● Task requirements:
Without the pictures, output the records below exactly as they are.
Dataset Block Start
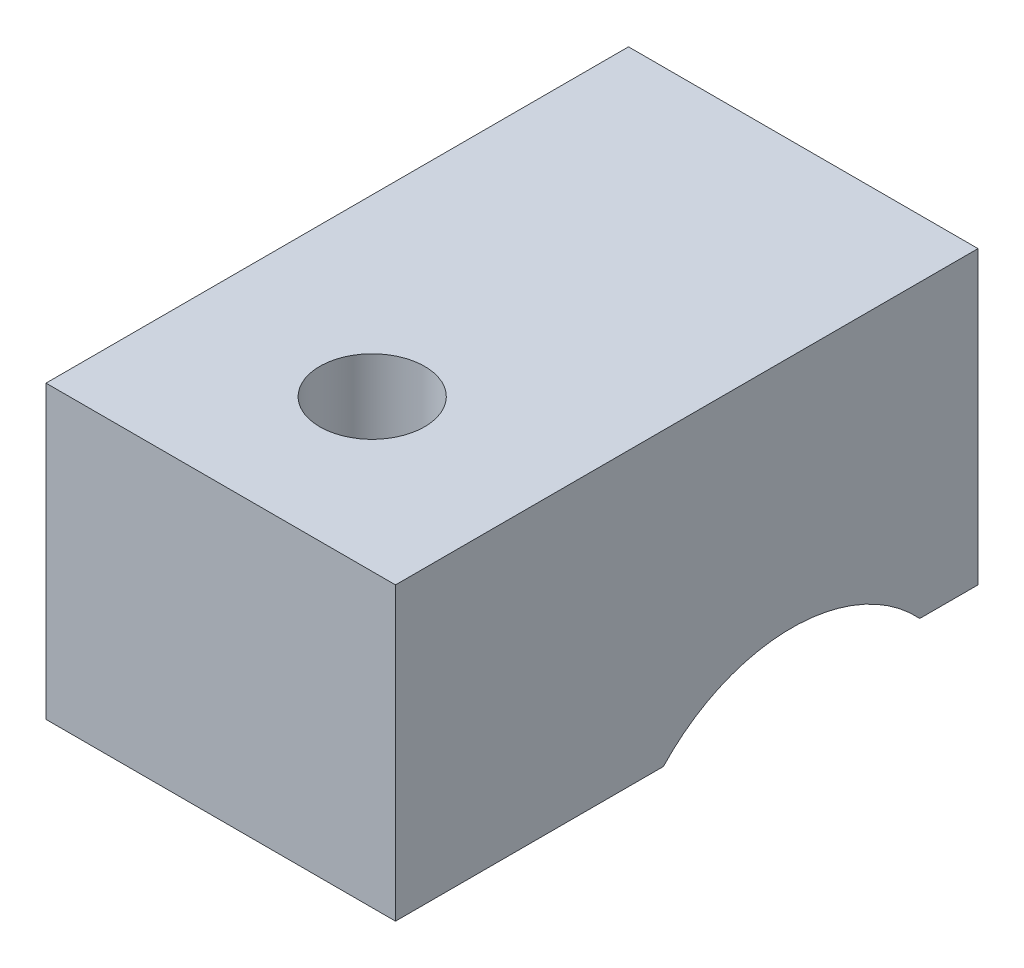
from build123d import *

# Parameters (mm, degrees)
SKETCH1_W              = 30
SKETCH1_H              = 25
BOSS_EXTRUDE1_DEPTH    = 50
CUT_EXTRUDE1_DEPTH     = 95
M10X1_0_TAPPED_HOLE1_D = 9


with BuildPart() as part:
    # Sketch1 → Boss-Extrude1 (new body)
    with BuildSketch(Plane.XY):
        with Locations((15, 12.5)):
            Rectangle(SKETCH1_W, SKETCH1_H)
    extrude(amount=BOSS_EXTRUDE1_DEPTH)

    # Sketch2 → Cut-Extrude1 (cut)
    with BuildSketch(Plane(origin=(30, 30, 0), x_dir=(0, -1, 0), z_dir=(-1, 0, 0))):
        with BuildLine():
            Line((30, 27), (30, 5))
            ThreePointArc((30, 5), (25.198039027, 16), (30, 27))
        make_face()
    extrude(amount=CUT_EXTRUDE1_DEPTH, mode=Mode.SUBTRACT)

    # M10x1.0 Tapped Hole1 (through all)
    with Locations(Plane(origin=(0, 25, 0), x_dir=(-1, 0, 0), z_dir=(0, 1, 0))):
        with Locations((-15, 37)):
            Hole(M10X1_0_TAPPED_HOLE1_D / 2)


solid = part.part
Dataset Block End
● Result of this exercise:
from build123d import *

# Parameters (mm, degrees)
SKETCH1_W              = 30
SKETCH1_H              = 25
BOSS_EXTRUDE1_DEPTH    = 50
CUT_EXTRUDE1_DEPTH     = 95
M10X1_0_TAPPED_HOLE1_D = 9


with BuildPart() as part:
    # Sketch1 → Boss-Extrude1 (new body)
    with BuildSketch(Plane.XY):
        with Locations((15, 12.5)):
            Rectangle(SKETCH1_W, SKETCH1_H)
    extrude(amount=BOSS_EXTRUDE1_DEPTH)

    # Sketch2 → Cut-Extrude1 (cut)
    with BuildSketch(Plane(origin=(30, 30, 0), x_dir=(0, -1, 0), z_dir=(-1, 0, 0))):
        with BuildLine():
            Line((30, 27), (30, 5))
            ThreePointArc((30, 5), (25.198039027, 16), (30, 27))
        make_face()
    extrude(amount=CUT_EXTRUDE1_DEPTH, mode=Mode.SUBTRACT)

    # M10x1.0 Tapped Hole1 (through all)
    with Locations(Plane(origin=(0, 25, 0), x_dir=(-1, 0, 0), z_dir=(0, 1, 0))):
        with Locations((-15, 37)):
            Hole(M10X1_0_TAPPED_HOLE1_D / 2)


solid = part.part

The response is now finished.